Try it
Report back each line of the records that contains the string "cuts".
------------------------
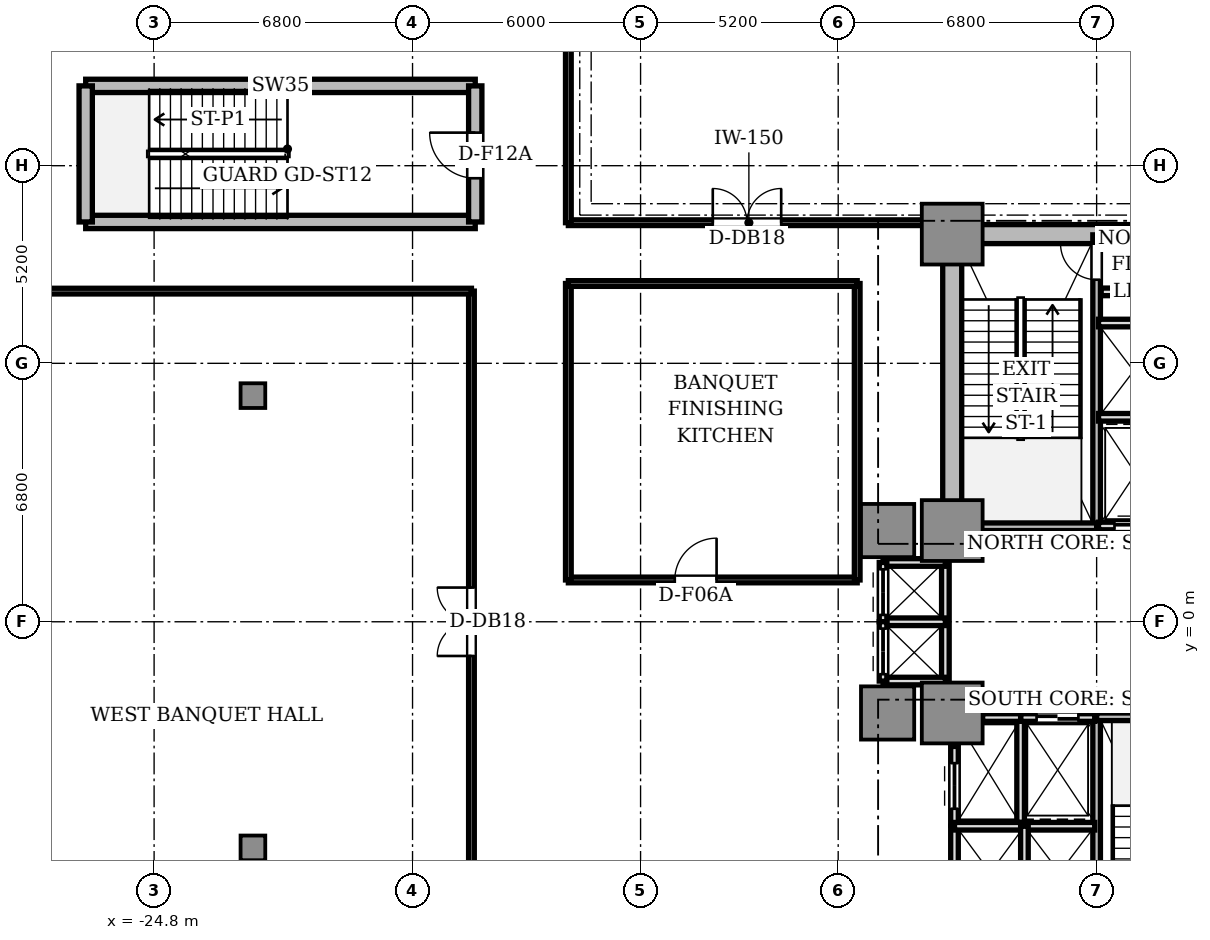
"""IFC4 building model, lengths in metres.
Left out: names, types, materials, properties, quantities, classifications, styles, units other than length and angle.
Written with IfcOpenShell. Run it as: python <this file> out.ifc"""

import sys

from ifc_helpers import new_model, si_unit, direction, frame, frame_2d, origin, origin_2d, place, context, subcontext, project, spatial, rectangle, hollow_rectangle, extrude, source, transform, mapped, element, fill, save


model = new_model("IFC4")
c1 = context("Model", 3, precision=1e-05, world=origin(), true_north=direction((0.0, 1.0)))
c2 = subcontext(c1, "Body", "Model", "MODEL_VIEW")
j1 = project(units=[si_unit("LENGTHUNIT", "METRE"), si_unit("PLANEANGLEUNIT", "RADIAN")], contexts=[c1])
p1 = place(None, origin())
s1 = spatial("IfcSite", under=j1, at=p1, CompositionType="ELEMENT")
p2 = place(p1, origin())
s2 = spatial("IfcBuilding", under=s1, at=p2, CompositionType="ELEMENT")
p3 = place(p2, frame((0.0, 0.0, 9.3)))
s3 = spatial("IfcBuildingStorey", under=s2, at=p3, CompositionType="ELEMENT", Elevation=9.3)
p4 = place(p3, frame((-3.55, 10.2, 0.0), z_axis=(0.0, 0.0, 1.0), x_axis=(1.0, 0.0, 0.0)))
e1 = element("IfcWall", 1, at=p4, inside=s3, PredefinedType="SHEAR", context=c2, shape_type="SweptSolid", body=[
    extrude(rectangle(XDim=7.1, YDim=0.5, at=frame_2d((3.55, 0.0))), origin(), (0.0, 0.0, 1.0), 4.4),
])
p5 = place(p3, frame((-3.8, 2.85, 0.0), z_axis=(0.0, 0.0, 1.0), x_axis=(0.0, 1.0, 0.0)))
e2 = element("IfcWall", 2, at=p5, inside=s3, PredefinedType="SHEAR", context=c2, shape_type="SweptSolid", body=[
    extrude(rectangle(XDim=6.9, YDim=0.5, at=frame_2d((3.45, 0.0))), origin(), (0.0, 0.0, 1.0), 4.4),
])
m1 = source(origin(), c2, "Body", "SweptSolid", [
    extrude(rectangle(XDim=1.6, YDim=1.6, at=origin_2d()), origin(), (0.0, 0.0, 1.0), 4.4),
])
for number, where, z_axis, x_axis in (
    (3, (-3.8, 2.4, 0.0), (0.0, 0.0, 1.0), (1.0, 0.0, 0.0)),
    (4, (-3.8, 10.2, 0.0), (0.0, 0.0, 1.0), (1.0, 0.0, 0.0)),
    (5, (-3.8, -2.4, 0.0), (0.0, 0.0, 1.0), (1.0, 0.0, 0.0)),
):
    element("IfcColumn", number, at=place(p3, frame(where, z_axis=z_axis, x_axis=x_axis)), inside=s3, PredefinedType="COLUMN", context=c2, shape_type="MappedRepresentation", body=[
        mapped(m1, transform((0.0, 0.0, 0.0), scale=1.0)),
    ])
m2 = source(origin(), c2, "Body", "SweptSolid", [
    extrude(rectangle(XDim=1.4, YDim=1.4, at=origin_2d()), origin(), (0.0, 0.0, 1.0), 4.4),
])
for number, where, z_axis, x_axis in (
    (6, (-5.5, 2.4, 0.0), (0.0, 0.0, 1.0), (1.0, 0.0, 0.0)),
    (7, (-5.5, -2.4, 0.0), (0.0, 0.0, 1.0), (1.0, 0.0, 0.0)),
):
    element("IfcColumn", number, at=place(p3, frame(where, z_axis=z_axis, x_axis=x_axis)), inside=s3, PredefinedType="COLUMN", context=c2, shape_type="MappedRepresentation", body=[
        mapped(m2, transform((0.0, 0.0, 0.0), scale=1.0)),
    ])
m3 = source(origin(), c2, "Body", "SweptSolid", [
    extrude(hollow_rectangle(XDim=0.65, YDim=0.65, WallThickness=0.032, at=origin_2d()), origin(), (0.0, 0.0, 1.0), 4.4),
])
for number, where, z_axis, x_axis in (
    (8, (-22.2, 5.95, 0.0), (0.0, 0.0, 1.0), (1.0, 0.0, 0.0)),
    (9, (-22.2, -5.95, 0.0), (0.0, 0.0, 1.0), (1.0, 0.0, 0.0)),
):
    element("IfcColumn", number, at=place(p3, frame(where, z_axis=z_axis, x_axis=x_axis)), inside=s3, PredefinedType="COLUMN", context=c2, shape_type="MappedRepresentation", body=[
        mapped(m3, transform((0.0, 0.0, 0.0), scale=1.0)),
    ])
p6 = place(p3, frame((0.0, 2.5, 0.0), z_axis=(0.0, 0.0, 1.0), x_axis=(0.0, 1.0, 0.0)))
e10 = element("IfcWall", 10, at=p6, inside=s3, PredefinedType="SOLIDWALL", context=c2, shape_type="SweptSolid", body=[
    extrude(rectangle(XDim=7.68, YDim=0.2, at=frame_2d((3.84, 0.0))), origin(), (0.0, 0.0, 1.0), 4.4),
])
p7 = place(p6, frame((6.5, 0.0, 0.0)))
e11 = element("IfcOpeningElement", 11, at=p7, cuts=e10, PredefinedType="OPENING", context=c2, shape_type="SweptSolid", body=[
    extrude(rectangle(XDim=0.95, YDim=2.15, at=frame_2d((0.475, 1.075))), frame((0.0, 0.11, 0.0), z_axis=(0.0, -1.0, 0.0), x_axis=(1.0, 0.0, 0.0)), (0.0, 0.0, 1.0), 0.22),
])
p8 = place(p3, frame((-3.72, 2.5, 0.0), z_axis=(0.0, 0.0, 1.0), x_axis=(1.0, 0.0, 0.0)))
e12 = element("IfcWall", 12, at=p8, inside=s3, PredefinedType="SOLIDWALL", context=c2, shape_type="SweptSolid", body=[
    extrude(rectangle(XDim=3.72, YDim=0.2, at=frame_2d((1.86, 0.0))), origin(), (0.0, 0.0, 1.0), 4.4),
])
p9 = place(p3, frame((0.0, -10.18, 0.0), z_axis=(0.0, 0.0, 1.0), x_axis=(0.0, 1.0, 0.0)))
e13 = element("IfcWall", 13, at=p9, inside=s3, PredefinedType="SOLIDWALL", context=c2, shape_type="SweptSolid", body=[
    extrude(rectangle(XDim=7.68, YDim=0.2, at=frame_2d((3.84, 0.0))), origin(), (0.0, 0.0, 1.0), 4.4),
])
p10 = place(p9, frame((0.28, 0.0, 0.0)))
e14 = element("IfcOpeningElement", 14, at=p10, cuts=e13, PredefinedType="OPENING", context=c2, shape_type="SweptSolid", body=[
    extrude(rectangle(XDim=1.1, YDim=2.15, at=frame_2d((0.55, 1.075))), frame((0.0, 0.11, 0.0), z_axis=(0.0, -1.0, 0.0), x_axis=(1.0, 0.0, 0.0)), (0.0, 0.0, 1.0), 0.22),
])
p11 = place(p3, frame((0.0, -2.5, 0.0), z_axis=(0.0, 0.0, 1.0), x_axis=(1.0, 0.0, 0.0)))
e15 = element("IfcWall", 15, at=p11, inside=s3, PredefinedType="SOLIDWALL", context=c2, shape_type="SweptSolid", body=[
    extrude(rectangle(XDim=3.72, YDim=0.2, at=frame_2d((1.86, 0.0))), origin(), (0.0, 0.0, 1.0), 4.4),
])
p12 = place(p3, frame((0.05, 2.52, 0.0), z_axis=(0.0, 0.0, 1.0), x_axis=(1.0, 0.0, 0.0)))
e16 = element("IfcWall", 16, at=p12, inside=s3, PredefinedType="SOLIDWALL", context=c2, shape_type="SweptSolid", body=[
    extrude(rectangle(XDim=1.95, YDim=0.2, at=frame_2d((0.975, 0.0))), origin(), (0.0, 0.0, 1.0), 3.95),
])
p13 = place(p12, frame((0.42, 0.0, 0.0)))
e17 = element("IfcOpeningElement", 17, at=p13, cuts=e16, PredefinedType="OPENING", context=c2, shape_type="SweptSolid", body=[
    extrude(rectangle(XDim=1.1, YDim=2.2, at=frame_2d((0.55, 1.1))), frame((0.0, 0.11, 0.0), z_axis=(0.0, -1.0, 0.0), x_axis=(1.0, 0.0, 0.0)), (0.0, 0.0, 1.0), 0.22),
])
p14 = place(p3, frame((-2.0, -5.28, 0.0), z_axis=(0.0, 0.0, 1.0), x_axis=(0.0, 1.0, 0.0)))
e18 = element("IfcWall", 18, at=p14, inside=s3, PredefinedType="SOLIDWALL", context=c2, shape_type="SweptSolid", body=[
    extrude(rectangle(XDim=2.78, YDim=0.2, at=frame_2d((1.39, 0.0))), origin(), (0.0, 0.0, 1.0), 3.95),
])
p15 = place(p3, frame((-2.0, -2.52, 0.0), z_axis=(0.0, 0.0, 1.0), x_axis=(1.0, 0.0, 0.0)))
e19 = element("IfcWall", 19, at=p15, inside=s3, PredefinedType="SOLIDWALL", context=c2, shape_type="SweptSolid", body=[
------------------------
Solution to this exercise
e11 = element("IfcOpeningElement", 11, at=p7, cuts=e10, PredefinedType="OPENING", context=c2, shape_type="SweptSolid", body=[
e14 = element("IfcOpeningElement", 14, at=p10, cuts=e13, PredefinedType="OPENING", context=c2, shape_type="SweptSolid", body=[
e17 = element("IfcOpeningElement", 17, at=p13, cuts=e16, PredefinedType="OPENING", context=c2, shape_type="SweptSolid", body=[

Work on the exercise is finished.